### What the task requires
Your response should contain each line of the data that includes "SOLIDWALL".

[Records shown]

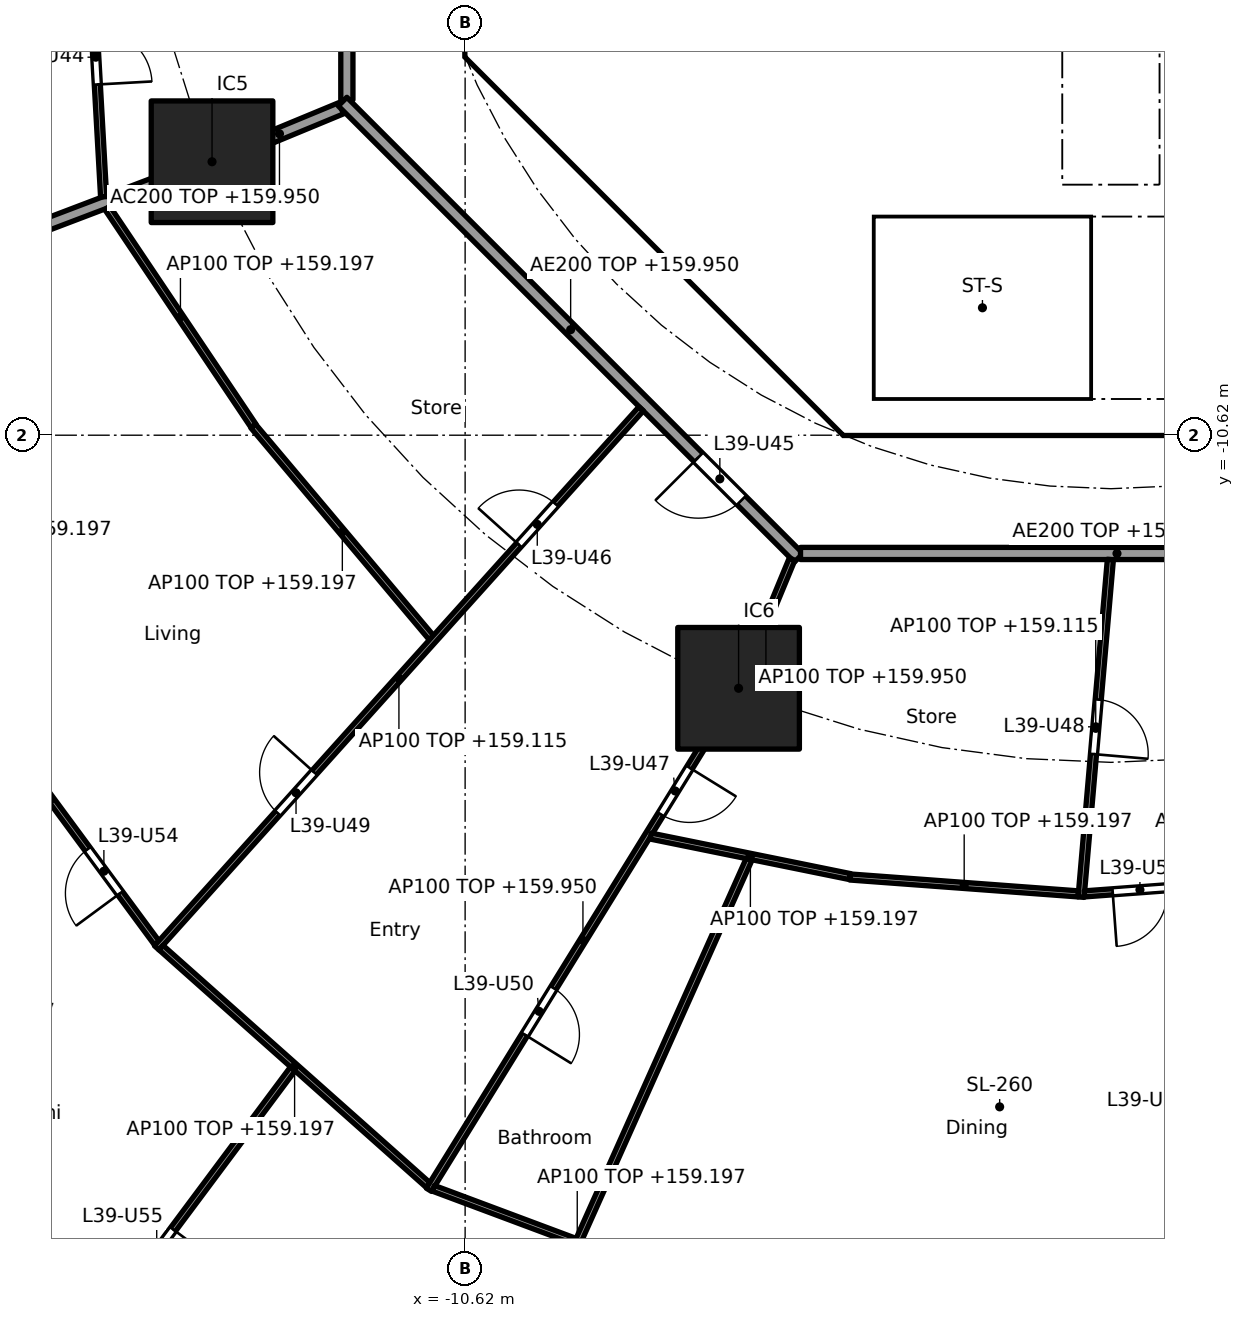
"""IFC4 building model, lengths in metres.
Left out: names, types, materials, properties, quantities, classifications, styles, units other than length and angle.
Written with IfcOpenShell. Run it as: python <this file> out.ifc"""

import sys

from ifc_helpers import new_model, si_unit, direction, frame, frame_2d, origin, origin_2d, place, context, subcontext, project, spatial, polyline, rectangle, outline, extrude, element, fill, save


model = new_model("IFC4")
c1 = context("Model", 3, precision=1e-05, world=origin(), true_north=direction((0.0, 1.0)))
c2 = subcontext(c1, "Body", "Model", "MODEL_VIEW")
j1 = project(units=[si_unit("LENGTHUNIT", "METRE"), si_unit("PLANEANGLEUNIT", "RADIAN")], contexts=[c1])
p1 = place(None, origin())
s1 = spatial("IfcSite", under=j1, at=p1, CompositionType="ELEMENT")
p2 = place(p1, origin())
s2 = spatial("IfcBuilding", under=s1, at=p2, CompositionType="ELEMENT")
p3 = place(p2, frame((0.0, 0.0, 156.6)))
s3 = spatial("IfcBuildingStorey", under=s2, at=p3, CompositionType="ELEMENT", Elevation=156.6)
for number, where, z_axis, x_axis in (
    (1, (-14.782, -6.123, 0.0), (0.0, 0.0, 1.0), (1.0, 0.0, 0.0)),
    (2, (-6.123, -14.782, 0.0), (0.0, 0.0, 1.0), (1.0, 0.0, 0.0)),
):
    element("IfcColumn", number, at=place(p3, frame(where, z_axis=z_axis, x_axis=x_axis)), inside=s3, PredefinedType="COLUMN", context=c2, shape_type="SweptSolid", body=[
        extrude(rectangle(XDim=2.0, YDim=2.0, at=origin_2d()), origin(), (0.0, 0.0, 1.0), 3.7),
    ])
p4 = place(p3, frame((-9.988, -4.613, 0.0), z_axis=(0.0, 0.0, 1.0), x_axis=(0.707106781187, -0.707106781187, 0.0)))
e3 = element("IfcWall", 3, at=p4, inside=s3, PredefinedType="SHEAR", context=c2, shape_type="SweptSolid", body=[
    extrude(rectangle(XDim=7.602, YDim=0.6, at=frame_2d((3.801, 0.0))), origin(), (0.0, 0.0, 1.0), 3.35),
])
p5 = place(p4, frame((6.151, 0.0, 0.0)))
e4 = element("IfcOpeningElement", 4, at=p5, cuts=e3, PredefinedType="OPENING", context=c2, shape_type="SweptSolid", body=[
    extrude(rectangle(XDim=1.1, YDim=2.1, at=frame_2d((0.55, 1.05))), frame((0.0, 0.31, 0.0), z_axis=(0.0, -1.0, 0.0), x_axis=(1.0, 0.0, 0.0)), (0.0, 0.0, 1.0), 0.62),
])
p6 = place(p3, frame((-7.4, -6.627, 0.0), z_axis=(0.0, 0.0, 1.0), x_axis=(0.0, 1.0, 0.0)))
e5 = element("IfcWall", 5, at=p6, inside=s3, PredefinedType="PARTITIONING", context=c2, shape_type="SweptSolid", body=[
    extrude(rectangle(XDim=2.527, YDim=0.15, at=frame_2d((1.263, 0.0))), origin(), (0.0, 0.0, 1.0), 3.35),
])
p7 = place(p6, frame((0.776, 0.0, 0.0)))
e6 = element("IfcOpeningElement", 6, at=p7, cuts=e5, PredefinedType="OPENING", context=c2, shape_type="SweptSolid", body=[
    extrude(rectangle(XDim=0.9, YDim=2.1, at=frame_2d((0.45, 1.05))), frame((0.0, 0.085, 0.0), z_axis=(0.0, -1.0, 0.0), x_axis=(1.0, 0.0, 0.0)), (0.0, 0.0, 1.0), 0.17),
])
p8 = place(p3, frame((-4.0, -6.5, 0.0), z_axis=(0.0, 0.0, 1.0), x_axis=(0.0, 1.0, 0.0)))
e7 = element("IfcWall", 7, at=p8, inside=s3, PredefinedType="SOLIDWALL", context=c2, shape_type="SweptSolid", body=[
    extrude(rectangle(XDim=2.2, YDim=0.2, at=frame_2d((1.1, 0.0))), origin(), (0.0, 0.0, 1.0), 3.35),
])
p9 = place(p8, frame((0.65, 0.0, 0.0)))
e8 = element("IfcOpeningElement", 8, at=p9, cuts=e7, PredefinedType="OPENING", context=c2, shape_type="SweptSolid", body=[
    extrude(rectangle(XDim=0.9, YDim=2.1, at=frame_2d((0.45, 1.05))), frame((0.0, 0.11, 0.0), z_axis=(0.0, -1.0, 0.0), x_axis=(1.0, 0.0, 0.0)), (0.0, 0.0, 1.0), 0.22),
])
p10 = place(p3, origin())
e9 = element("IfcWall", 9, at=p10, inside=s3, PredefinedType="SHEAR", context=c2, shape_type="SweptSolid", body=[
    extrude(outline(polyline([(-10.625, -3.801), (-10.025, -3.801), (-10.025, -4.152), (-9.776, -4.401), (-10.2, -4.825), (-10.625, -4.401), (-10.625, -3.801)])), origin(), (0.0, 0.0, 1.0), 3.35),
])
p11 = place(p3, origin())
e10 = element("IfcWall", 10, at=p11, inside=s3, PredefinedType="SHEAR", context=c2, shape_type="SweptSolid", body=[
    extrude(outline(polyline([(-4.152, -10.025), (4.152, -10.025), (4.401, -9.776), (4.825, -10.2), (4.401, -10.625), (-4.401, -10.625), (-4.825, -10.2), (-4.401, -9.776), (-4.152, -10.025)])), origin(), (0.0, 0.0, 1.0), 3.35),
])
for number, where, z_axis, x_axis in (
    (11, (-0.9, -6.5, 0.0), (0.0, 0.0, 1.0), (0.0, 1.0, 0.0)),
    (12, (0.9, -6.5, 0.0), (0.0, 0.0, 1.0), (0.0, 1.0, 0.0)),
):
    element("IfcWall", number, at=place(p3, frame(where, z_axis=z_axis, x_axis=x_axis)), inside=s3, PredefinedType="SOLIDWALL", context=c2, shape_type="SweptSolid", body=[
        extrude(rectangle(XDim=2.2, YDim=0.2, at=frame_2d((1.1, 0.0))), origin(), (0.0, 0.0, 1.0), 3.35),
    ])
p12 = place(p3, origin())
e13 = element("IfcWall", 13, at=p12, inside=s3, PredefinedType="SOLIDWALL", context=c2, shape_type="SweptSolid", body=[
    extrude(outline(polyline([(-3.9, -10.025), (-4.1, -10.025), (-4.1, -7.025), (-3.9, -7.025), (-3.9, -10.025)])), origin(), (0.0, 0.0, 1.0), 3.35),
])
p13 = place(p3, origin())
e14 = element("IfcWall", 14, at=p13, inside=s3, PredefinedType="SOLIDWALL", context=c2, shape_type="SweptSolid", body=[
    extrude(outline(polyline([(4.1, -7.025), (-4.1, -7.025), (-4.1, -6.5), (4.1, -6.5), (4.1, -7.025)])), origin(), (0.0, 0.0, 1.0), 3.35),
])
p14 = place(p3, frame((-12.657, -5.243, 0.0), z_axis=(0.0, 0.0, 1.0), x_axis=(-0.923859888513, -0.38273085373, 0.0)))
e15 = element("IfcWall", 15, at=p14, inside=s3, PredefinedType="PARTITIONING", context=c2, shape_type="SweptSolid", body=[
    extrude(rectangle(XDim=2.199, YDim=0.2, at=frame_2d((1.1, 0.0))), origin(), (0.0, 0.0, 1.0), 3.35),
])
p15 = place(p3, frame((-14.829, -6.141, 0.0), z_axis=(0.0, 0.0, 1.0), x_axis=(-0.93470181966, -0.355432846433, 0.0)))
e16 = element("IfcWall", 16, at=p15, inside=s3, PredefinedType="PARTITIONING", context=c2, shape_type="SweptSolid", body=[
    extrude(rectangle(XDim=12.438, YDim=0.2, at=frame_2d((6.219, 0.0))), origin(), (0.0, 0.0, 1.0), 2.597),
])
p16 = place(p3, frame((-12.565, 5.304, 0.0), z_axis=(0.0, 0.0, 1.0), x_axis=(0.0, -1.0, 0.0)))
e17 = element("IfcWall", 17, at=p16, inside=s3, PredefinedType="PARTITIONING", context=c2, shape_type="SweptSolid", body=[
    extrude(rectangle(XDim=10.409, YDim=0.2, at=frame_2d((5.205, 0.0))), origin(), (0.0, 0.0, 1.0), 3.35),
])
p17 = place(p3, frame((-12.635, -5.134, 0.0), z_axis=(0.0, 0.0, 1.0), x_axis=(0.707106781187, -0.707106781187, 0.0)))
e18 = element("IfcWall", 18, at=p17, inside=s3, PredefinedType="PARTITIONING", context=c2, shape_type="SweptSolid", body=[
    extrude(rectangle(XDim=10.609, YDim=0.2, at=frame_2d((5.305, 0.0))), origin(), (0.0, 0.0, 1.0), 3.35),
])
p18 = place(p17, frame((8.274, 0.0, 0.0)))
e19 = element("IfcOpeningElement", 19, at=p18, cuts=e18, PredefinedType="OPENING", context=c2, shape_type="SweptSolid", body=[
    extrude(rectangle(XDim=1.0, YDim=2.1, at=frame_2d((0.5, 1.05))), frame((0.0, 0.11, 0.0), z_axis=(0.0, -1.0, 0.0), x_axis=(1.0, 0.0, 0.0)), (0.0, 0.0, 1.0), 0.22),
])
p19 = place(p3, frame((-5.104, -12.565, 0.0), z_axis=(0.0, 0.0, 1.0), x_axis=(1.0, 0.0, 0.0)))
e20 = element("IfcWall", 20, at=p19, inside=s3, PredefinedType="PARTITIONING", context=c2, shape_type="SweptSolid", body=[
    extrude(rectangle(XDim=10.409, YDim=0.2, at=frame_2d((5.205, 0.0))), origin(), (0.0, 0.0, 1.0), 3.35),
])
p20 = place(p3, frame((-16.825, -2.058, 0.0), z_axis=(0.0, 0.0, 1.0), x_axis=(0.055993664681, -0.998431124072, 0.0)))
e21 = element("IfcWall", 21, at=p20, inside=s3, PredefinedType="PARTITIONING", context=c2, shape_type="SweptSolid", body=[
    extrude(rectangle(XDim=4.648, YDim=0.1, at=frame_2d((2.324, 0.0))), origin(), (0.0, 0.0, 1.0), 2.597),
])
p21 = place(p20, frame((1.899, 0.0, 0.0)))
e22 = element("IfcOpeningElement", 22, at=p21, cuts=e21, PredefinedType="OPENING", context=c2, shape_type="SweptSolid", body=[
    extrude(rectangle(XDim=0.9, YDim=2.1, at=frame_2d((0.45, 1.05))), frame((0.0, 0.06, 0.0), z_axis=(0.0, -1.0, 0.0), x_axis=(1.0, 0.0, 0.0)), (0.0, 0.0, 1.0), 0.12),
])
p22 = place(p3, frame((-16.504, -6.882, 0.0), z_axis=(0.0, 0.0, 1.0), x_axis=(0.556995256876, -0.830515673433, 0.0)))
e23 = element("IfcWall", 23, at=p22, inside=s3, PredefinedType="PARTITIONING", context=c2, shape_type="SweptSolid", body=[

[/Records shown]

### Result for this task
e7 = element("IfcWall", 7, at=p8, inside=s3, PredefinedType="SOLIDWALL", context=c2, shape_type="SweptSolid", body=[
    element("IfcWall", number, at=place(p3, frame(where, z_axis=z_axis, x_axis=x_axis)), inside=s3, PredefinedType="SOLIDWALL", context=c2, shape_type="SweptSolid", body=[
e13 = element("IfcWall", 13, at=p12, inside=s3, PredefinedType="SOLIDWALL", context=c2, shape_type="SweptSolid", body=[
e14 = element("IfcWall", 14, at=p13, inside=s3, PredefinedType="SOLIDWALL", context=c2, shape_type="SweptSolid", body=[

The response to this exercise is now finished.